## Goal of the exercise
Among the records that follow, count the lines with the string "units"; report only that count.
=======
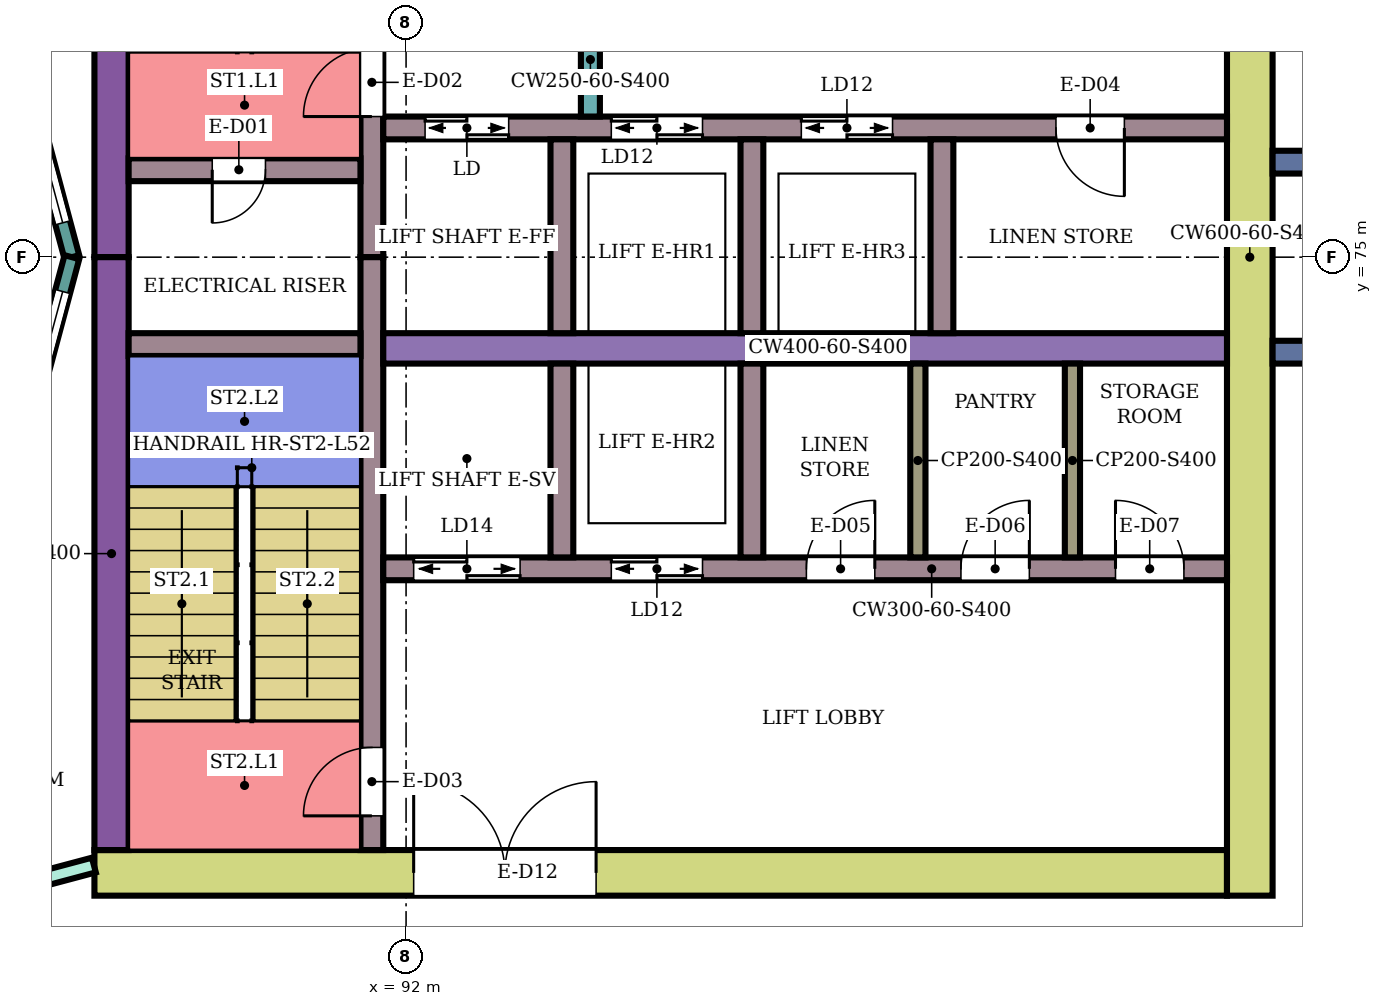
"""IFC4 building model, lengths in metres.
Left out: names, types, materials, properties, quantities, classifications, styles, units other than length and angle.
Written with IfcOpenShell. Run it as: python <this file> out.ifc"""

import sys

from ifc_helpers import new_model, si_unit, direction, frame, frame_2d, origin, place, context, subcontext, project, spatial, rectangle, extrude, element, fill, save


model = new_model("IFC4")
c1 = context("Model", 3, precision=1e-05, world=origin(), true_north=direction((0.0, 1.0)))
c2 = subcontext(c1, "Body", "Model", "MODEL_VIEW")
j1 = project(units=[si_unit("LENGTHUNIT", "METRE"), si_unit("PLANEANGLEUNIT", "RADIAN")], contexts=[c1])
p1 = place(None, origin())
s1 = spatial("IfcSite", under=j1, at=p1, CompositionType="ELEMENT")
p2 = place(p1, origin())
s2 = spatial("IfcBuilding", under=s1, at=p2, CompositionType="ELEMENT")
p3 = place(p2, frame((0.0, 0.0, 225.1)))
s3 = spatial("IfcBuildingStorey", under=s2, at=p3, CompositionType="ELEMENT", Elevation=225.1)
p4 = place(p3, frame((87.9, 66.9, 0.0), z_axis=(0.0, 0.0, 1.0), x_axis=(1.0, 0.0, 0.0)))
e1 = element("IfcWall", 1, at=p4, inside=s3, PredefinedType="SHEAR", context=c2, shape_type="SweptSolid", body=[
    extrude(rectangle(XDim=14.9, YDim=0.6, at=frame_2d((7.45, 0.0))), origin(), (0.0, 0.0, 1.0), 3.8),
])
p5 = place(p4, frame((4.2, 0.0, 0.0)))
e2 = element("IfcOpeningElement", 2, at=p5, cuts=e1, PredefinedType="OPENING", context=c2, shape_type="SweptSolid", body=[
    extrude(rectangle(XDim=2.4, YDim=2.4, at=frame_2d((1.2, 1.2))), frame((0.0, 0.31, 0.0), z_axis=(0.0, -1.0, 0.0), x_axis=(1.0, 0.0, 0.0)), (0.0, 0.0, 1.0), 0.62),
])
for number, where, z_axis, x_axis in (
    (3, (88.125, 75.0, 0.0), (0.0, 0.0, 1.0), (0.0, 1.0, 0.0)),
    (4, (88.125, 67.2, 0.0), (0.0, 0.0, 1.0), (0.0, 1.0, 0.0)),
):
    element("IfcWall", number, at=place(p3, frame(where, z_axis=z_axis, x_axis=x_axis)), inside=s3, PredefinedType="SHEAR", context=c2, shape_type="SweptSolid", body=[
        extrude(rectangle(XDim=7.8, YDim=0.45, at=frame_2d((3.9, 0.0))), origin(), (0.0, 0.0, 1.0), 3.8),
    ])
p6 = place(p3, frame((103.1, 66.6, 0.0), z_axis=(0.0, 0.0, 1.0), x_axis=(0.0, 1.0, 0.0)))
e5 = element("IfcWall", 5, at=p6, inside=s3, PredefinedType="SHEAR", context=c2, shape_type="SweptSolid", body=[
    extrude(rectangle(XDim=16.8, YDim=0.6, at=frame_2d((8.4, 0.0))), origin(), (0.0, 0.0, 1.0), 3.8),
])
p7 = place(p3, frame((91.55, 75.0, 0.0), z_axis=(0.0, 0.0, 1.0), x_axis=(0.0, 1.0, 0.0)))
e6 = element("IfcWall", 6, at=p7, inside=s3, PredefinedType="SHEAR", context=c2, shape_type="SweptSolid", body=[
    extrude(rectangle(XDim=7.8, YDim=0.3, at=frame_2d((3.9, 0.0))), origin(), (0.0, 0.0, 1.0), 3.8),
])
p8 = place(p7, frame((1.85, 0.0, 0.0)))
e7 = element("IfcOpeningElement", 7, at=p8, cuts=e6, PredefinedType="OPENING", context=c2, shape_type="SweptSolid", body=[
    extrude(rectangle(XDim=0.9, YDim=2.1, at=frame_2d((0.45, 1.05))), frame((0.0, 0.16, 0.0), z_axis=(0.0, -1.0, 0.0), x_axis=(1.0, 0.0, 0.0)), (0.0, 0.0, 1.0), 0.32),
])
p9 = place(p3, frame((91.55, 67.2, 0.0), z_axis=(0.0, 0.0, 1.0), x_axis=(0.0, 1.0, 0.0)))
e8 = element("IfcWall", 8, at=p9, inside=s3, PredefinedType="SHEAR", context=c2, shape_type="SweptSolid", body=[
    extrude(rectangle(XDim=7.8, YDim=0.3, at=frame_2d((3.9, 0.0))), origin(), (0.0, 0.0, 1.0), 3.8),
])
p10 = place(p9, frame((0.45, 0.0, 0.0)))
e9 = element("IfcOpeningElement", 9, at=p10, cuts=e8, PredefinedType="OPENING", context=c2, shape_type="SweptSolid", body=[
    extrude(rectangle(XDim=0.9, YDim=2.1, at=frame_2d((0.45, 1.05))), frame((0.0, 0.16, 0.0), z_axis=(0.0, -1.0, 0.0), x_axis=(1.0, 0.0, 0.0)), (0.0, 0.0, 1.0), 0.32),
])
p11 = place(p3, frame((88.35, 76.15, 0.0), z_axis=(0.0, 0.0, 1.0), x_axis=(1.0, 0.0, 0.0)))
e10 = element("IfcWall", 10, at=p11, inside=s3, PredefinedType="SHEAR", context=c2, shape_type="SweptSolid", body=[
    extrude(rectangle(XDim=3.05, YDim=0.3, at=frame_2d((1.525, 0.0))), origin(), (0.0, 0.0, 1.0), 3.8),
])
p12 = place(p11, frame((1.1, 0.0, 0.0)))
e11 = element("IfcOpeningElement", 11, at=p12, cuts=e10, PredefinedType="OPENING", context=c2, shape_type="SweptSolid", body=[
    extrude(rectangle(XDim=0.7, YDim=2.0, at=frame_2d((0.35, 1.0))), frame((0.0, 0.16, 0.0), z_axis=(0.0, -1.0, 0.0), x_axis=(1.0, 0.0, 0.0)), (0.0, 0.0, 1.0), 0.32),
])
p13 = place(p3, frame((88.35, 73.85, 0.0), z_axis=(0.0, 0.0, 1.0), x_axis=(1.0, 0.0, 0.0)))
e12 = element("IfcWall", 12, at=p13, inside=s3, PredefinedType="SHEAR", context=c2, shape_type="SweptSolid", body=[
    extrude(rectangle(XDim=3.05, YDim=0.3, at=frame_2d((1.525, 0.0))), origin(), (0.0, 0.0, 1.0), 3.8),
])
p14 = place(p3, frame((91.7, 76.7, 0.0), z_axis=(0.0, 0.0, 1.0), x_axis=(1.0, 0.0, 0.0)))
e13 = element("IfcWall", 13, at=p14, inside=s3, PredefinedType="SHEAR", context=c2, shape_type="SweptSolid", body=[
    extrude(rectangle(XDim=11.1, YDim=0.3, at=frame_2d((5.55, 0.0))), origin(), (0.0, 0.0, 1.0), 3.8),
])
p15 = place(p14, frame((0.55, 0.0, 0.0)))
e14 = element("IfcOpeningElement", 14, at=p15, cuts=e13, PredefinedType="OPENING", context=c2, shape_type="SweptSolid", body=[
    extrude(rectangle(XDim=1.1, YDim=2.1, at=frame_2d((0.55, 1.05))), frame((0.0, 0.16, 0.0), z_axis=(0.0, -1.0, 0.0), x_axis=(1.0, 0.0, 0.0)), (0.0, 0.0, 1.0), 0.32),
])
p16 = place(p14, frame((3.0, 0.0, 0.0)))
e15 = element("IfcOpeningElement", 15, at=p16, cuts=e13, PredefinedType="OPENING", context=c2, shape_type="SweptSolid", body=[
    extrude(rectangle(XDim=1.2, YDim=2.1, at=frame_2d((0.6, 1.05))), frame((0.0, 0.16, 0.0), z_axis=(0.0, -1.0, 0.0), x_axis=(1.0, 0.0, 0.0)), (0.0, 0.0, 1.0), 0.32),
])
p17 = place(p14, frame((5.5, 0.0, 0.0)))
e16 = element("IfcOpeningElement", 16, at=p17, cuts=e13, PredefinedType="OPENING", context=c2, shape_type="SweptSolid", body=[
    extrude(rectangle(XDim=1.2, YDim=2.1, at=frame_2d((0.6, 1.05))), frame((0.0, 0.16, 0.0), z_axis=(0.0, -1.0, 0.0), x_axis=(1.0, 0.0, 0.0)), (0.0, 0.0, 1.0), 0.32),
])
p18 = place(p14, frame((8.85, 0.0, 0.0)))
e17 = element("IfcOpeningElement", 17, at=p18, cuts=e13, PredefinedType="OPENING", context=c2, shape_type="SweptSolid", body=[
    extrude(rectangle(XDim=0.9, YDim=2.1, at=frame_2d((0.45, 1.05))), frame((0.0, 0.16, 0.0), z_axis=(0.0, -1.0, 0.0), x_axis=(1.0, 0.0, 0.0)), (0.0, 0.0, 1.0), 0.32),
=======
## Task response
2